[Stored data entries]

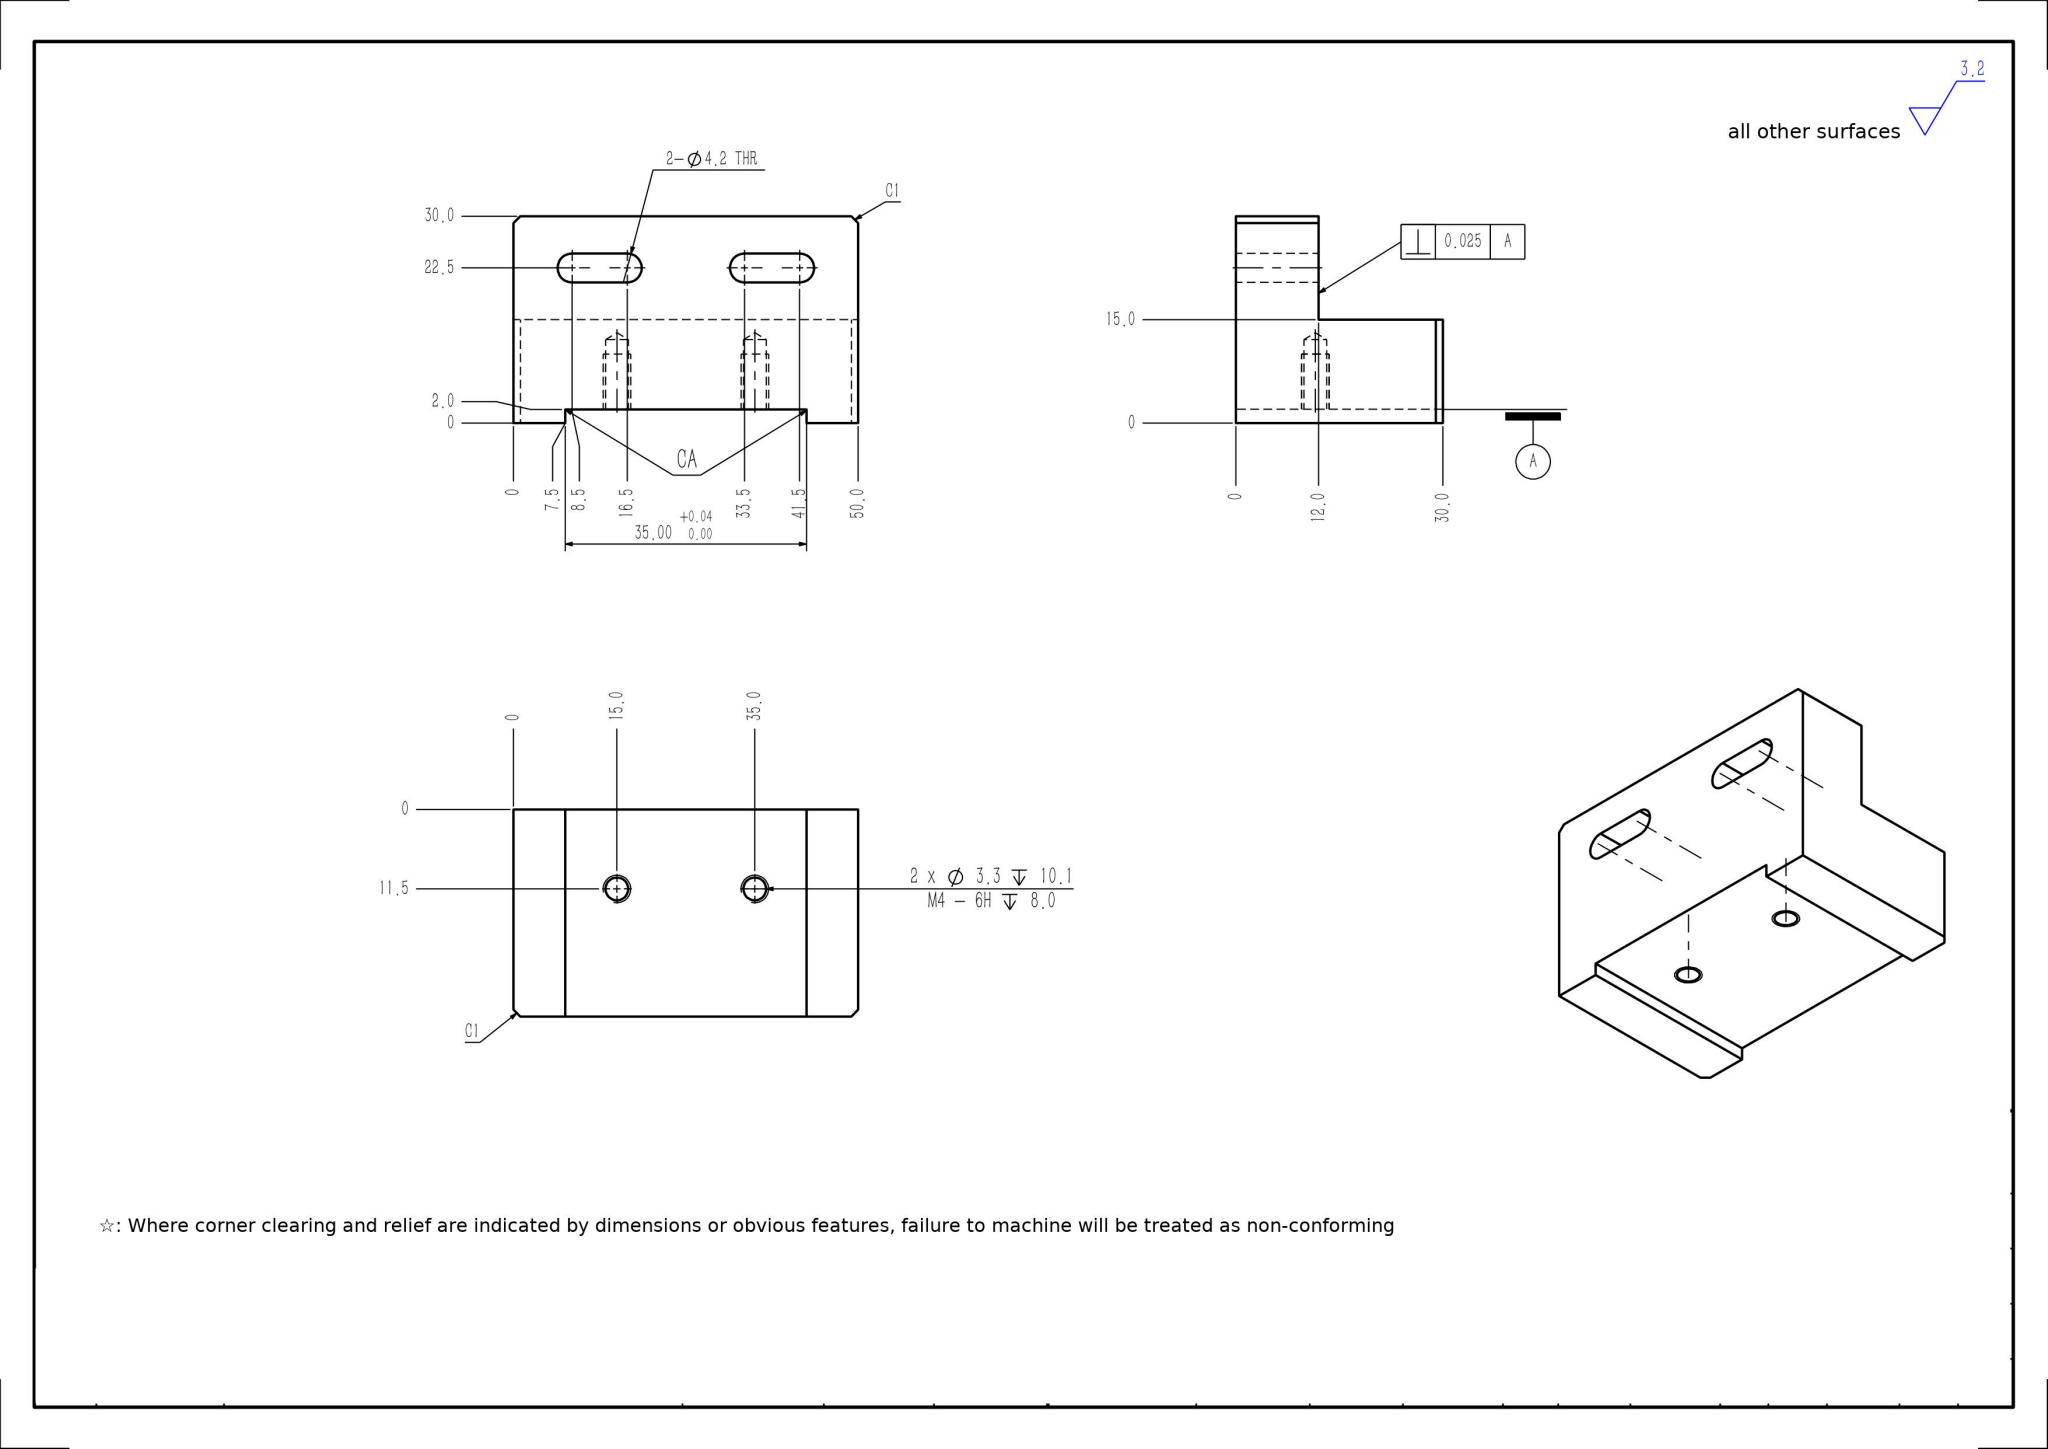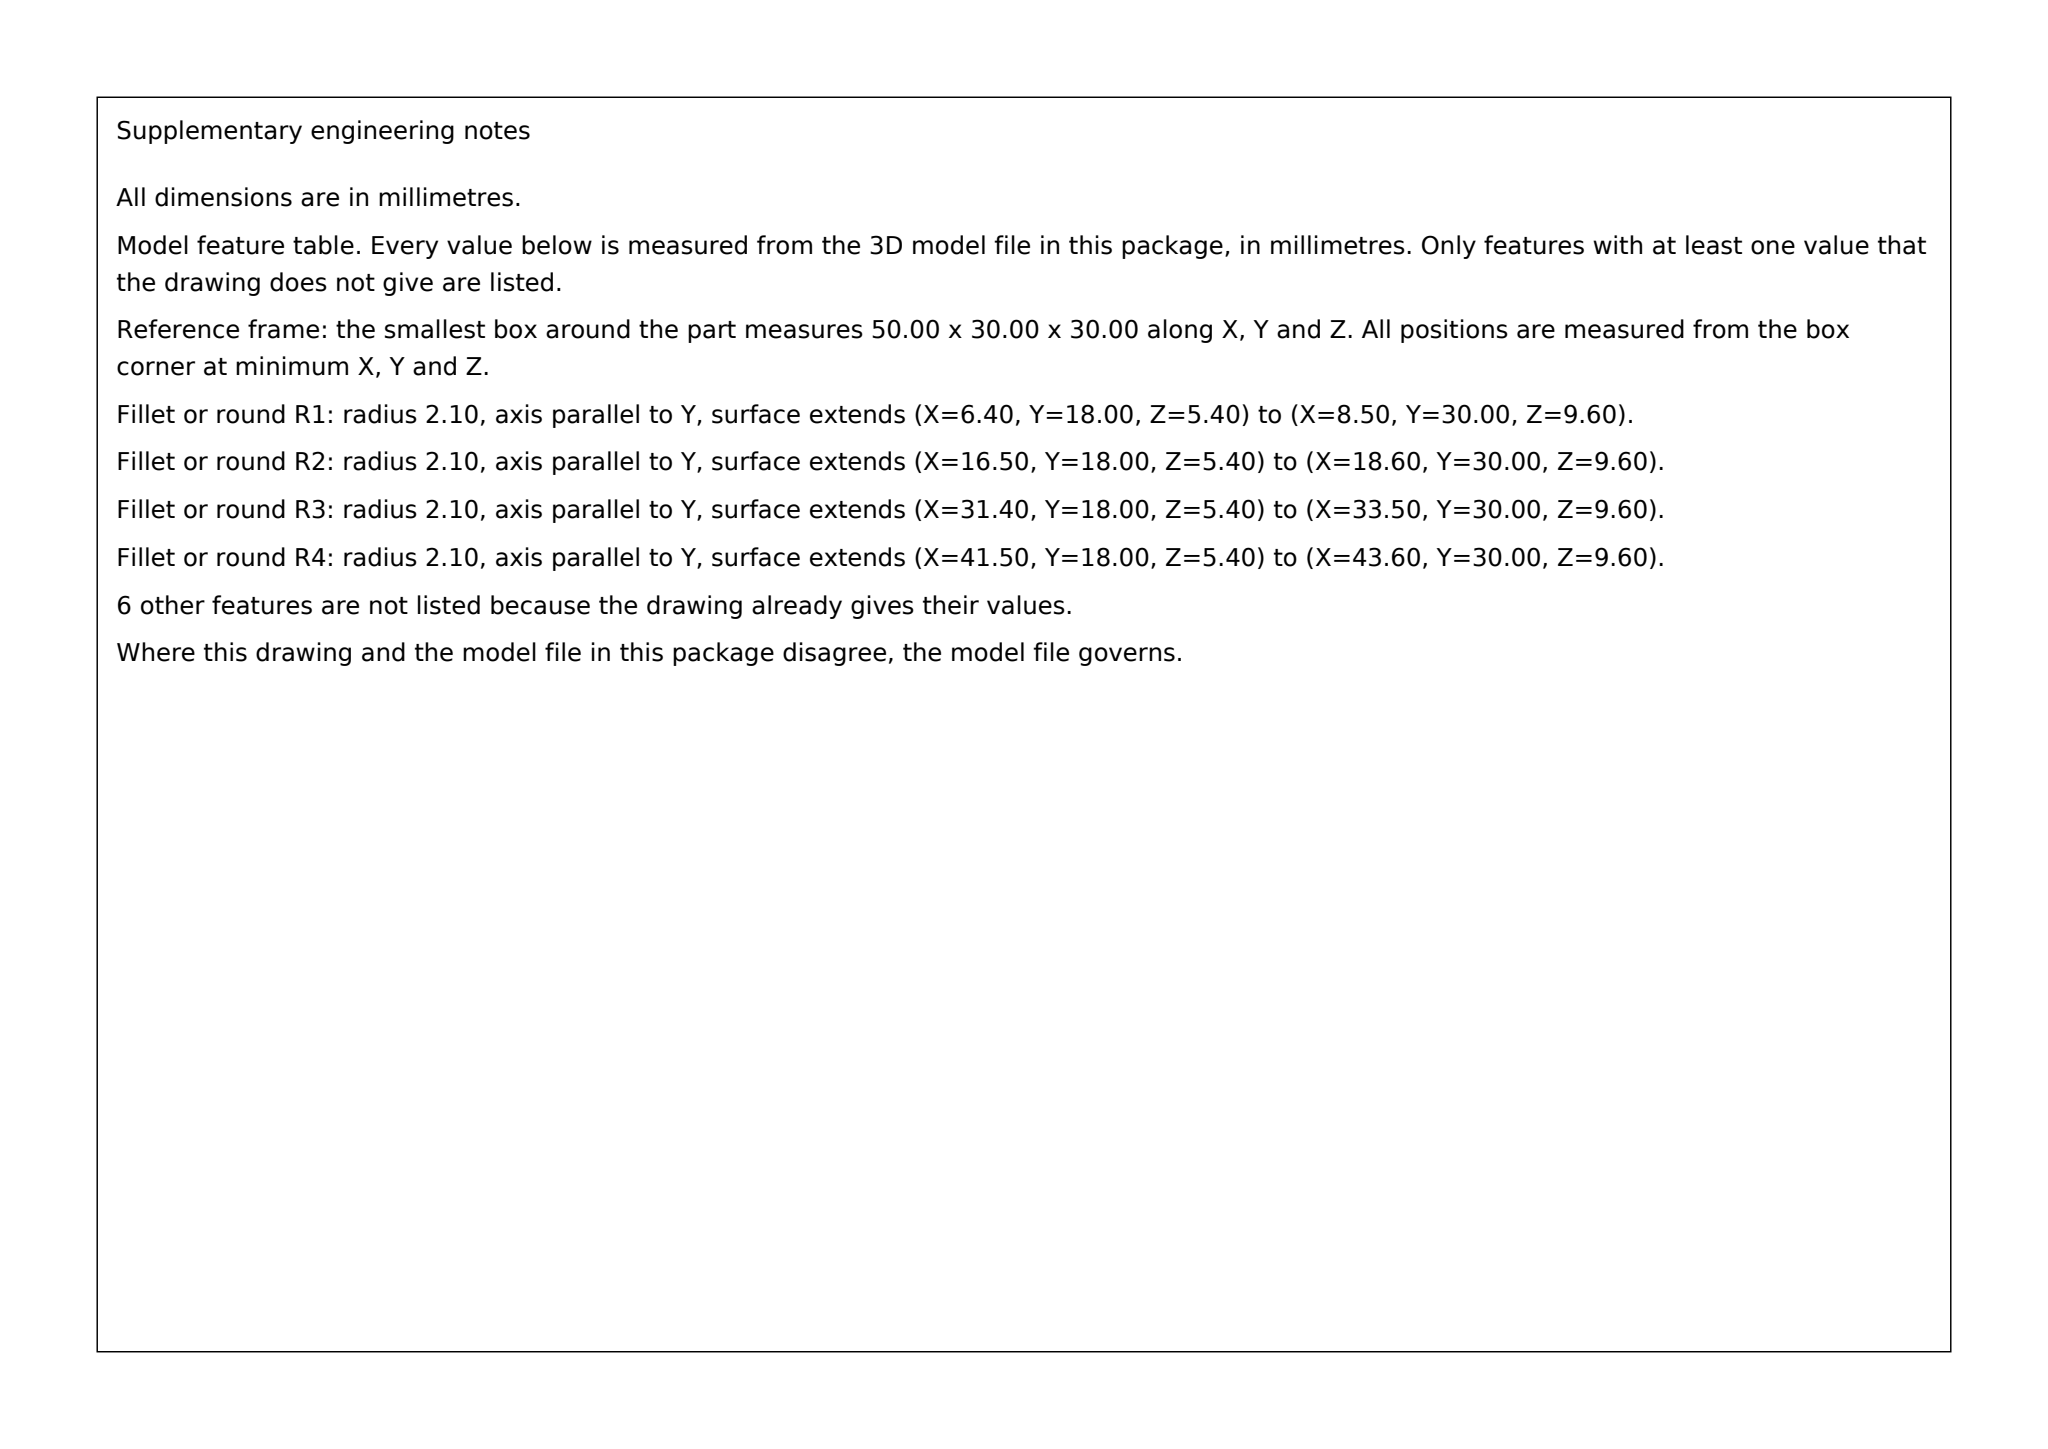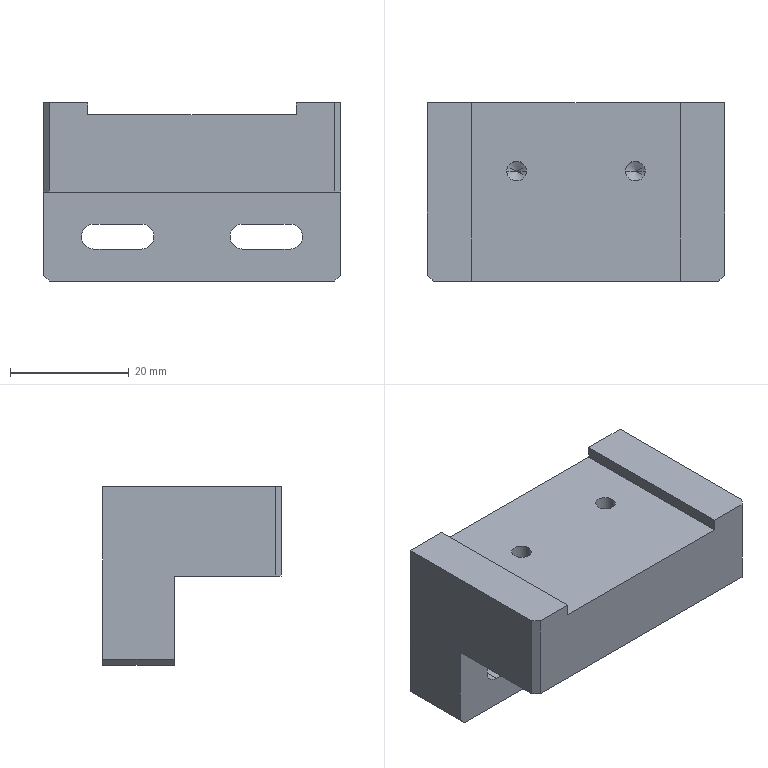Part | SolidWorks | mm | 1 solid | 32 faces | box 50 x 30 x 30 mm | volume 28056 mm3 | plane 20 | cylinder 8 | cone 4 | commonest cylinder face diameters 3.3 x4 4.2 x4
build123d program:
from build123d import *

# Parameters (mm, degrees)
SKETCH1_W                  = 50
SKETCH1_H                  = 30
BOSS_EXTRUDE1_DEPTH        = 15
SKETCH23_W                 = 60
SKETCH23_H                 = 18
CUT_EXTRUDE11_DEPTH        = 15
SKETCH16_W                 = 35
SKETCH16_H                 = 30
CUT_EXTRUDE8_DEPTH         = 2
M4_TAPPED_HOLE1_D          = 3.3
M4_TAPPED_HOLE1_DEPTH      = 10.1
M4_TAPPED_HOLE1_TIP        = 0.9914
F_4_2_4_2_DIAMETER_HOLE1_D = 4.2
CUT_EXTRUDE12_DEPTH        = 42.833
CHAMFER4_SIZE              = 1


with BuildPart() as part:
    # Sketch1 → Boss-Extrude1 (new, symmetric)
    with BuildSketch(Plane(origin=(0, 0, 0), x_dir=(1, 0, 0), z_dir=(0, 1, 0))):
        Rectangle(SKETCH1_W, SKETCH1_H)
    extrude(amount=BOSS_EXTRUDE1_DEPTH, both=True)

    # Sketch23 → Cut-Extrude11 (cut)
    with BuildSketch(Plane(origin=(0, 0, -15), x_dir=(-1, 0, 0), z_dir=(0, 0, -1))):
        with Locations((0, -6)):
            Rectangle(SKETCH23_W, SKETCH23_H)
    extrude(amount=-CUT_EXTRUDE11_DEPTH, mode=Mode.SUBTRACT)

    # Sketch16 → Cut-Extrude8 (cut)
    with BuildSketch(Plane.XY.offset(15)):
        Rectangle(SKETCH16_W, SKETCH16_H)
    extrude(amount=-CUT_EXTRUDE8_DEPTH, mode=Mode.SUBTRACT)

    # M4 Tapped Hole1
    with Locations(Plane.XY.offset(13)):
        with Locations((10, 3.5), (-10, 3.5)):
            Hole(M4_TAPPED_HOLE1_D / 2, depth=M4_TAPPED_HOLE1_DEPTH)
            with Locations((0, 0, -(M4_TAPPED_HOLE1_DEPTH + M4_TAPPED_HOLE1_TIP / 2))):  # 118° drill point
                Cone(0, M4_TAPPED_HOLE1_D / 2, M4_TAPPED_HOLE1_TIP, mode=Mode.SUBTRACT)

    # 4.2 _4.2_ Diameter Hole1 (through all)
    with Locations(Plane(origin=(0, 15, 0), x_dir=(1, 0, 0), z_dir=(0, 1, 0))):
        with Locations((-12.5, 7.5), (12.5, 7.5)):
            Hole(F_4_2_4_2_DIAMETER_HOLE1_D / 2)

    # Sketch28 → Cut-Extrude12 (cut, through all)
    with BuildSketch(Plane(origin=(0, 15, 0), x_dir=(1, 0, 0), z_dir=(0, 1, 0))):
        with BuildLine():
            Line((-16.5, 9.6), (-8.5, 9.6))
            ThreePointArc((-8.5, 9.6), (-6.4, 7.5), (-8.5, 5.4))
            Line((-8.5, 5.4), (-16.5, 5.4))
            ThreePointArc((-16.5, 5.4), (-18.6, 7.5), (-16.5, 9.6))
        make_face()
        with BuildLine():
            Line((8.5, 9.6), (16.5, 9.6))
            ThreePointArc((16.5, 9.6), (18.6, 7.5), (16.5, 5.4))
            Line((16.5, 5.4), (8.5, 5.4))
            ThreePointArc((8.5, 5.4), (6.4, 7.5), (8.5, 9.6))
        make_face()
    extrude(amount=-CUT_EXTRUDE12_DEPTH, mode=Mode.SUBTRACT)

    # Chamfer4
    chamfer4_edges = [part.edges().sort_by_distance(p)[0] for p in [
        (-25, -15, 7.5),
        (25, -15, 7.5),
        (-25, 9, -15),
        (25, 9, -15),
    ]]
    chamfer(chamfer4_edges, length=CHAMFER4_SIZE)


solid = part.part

▶ EXERCISE: Show every line in the entries where the string "through" occurs.

▶ ANSWER BOX:
    # 4.2 _4.2_ Diameter Hole1 (through all)
    # Sketch28 → Cut-Extrude12 (cut, through all)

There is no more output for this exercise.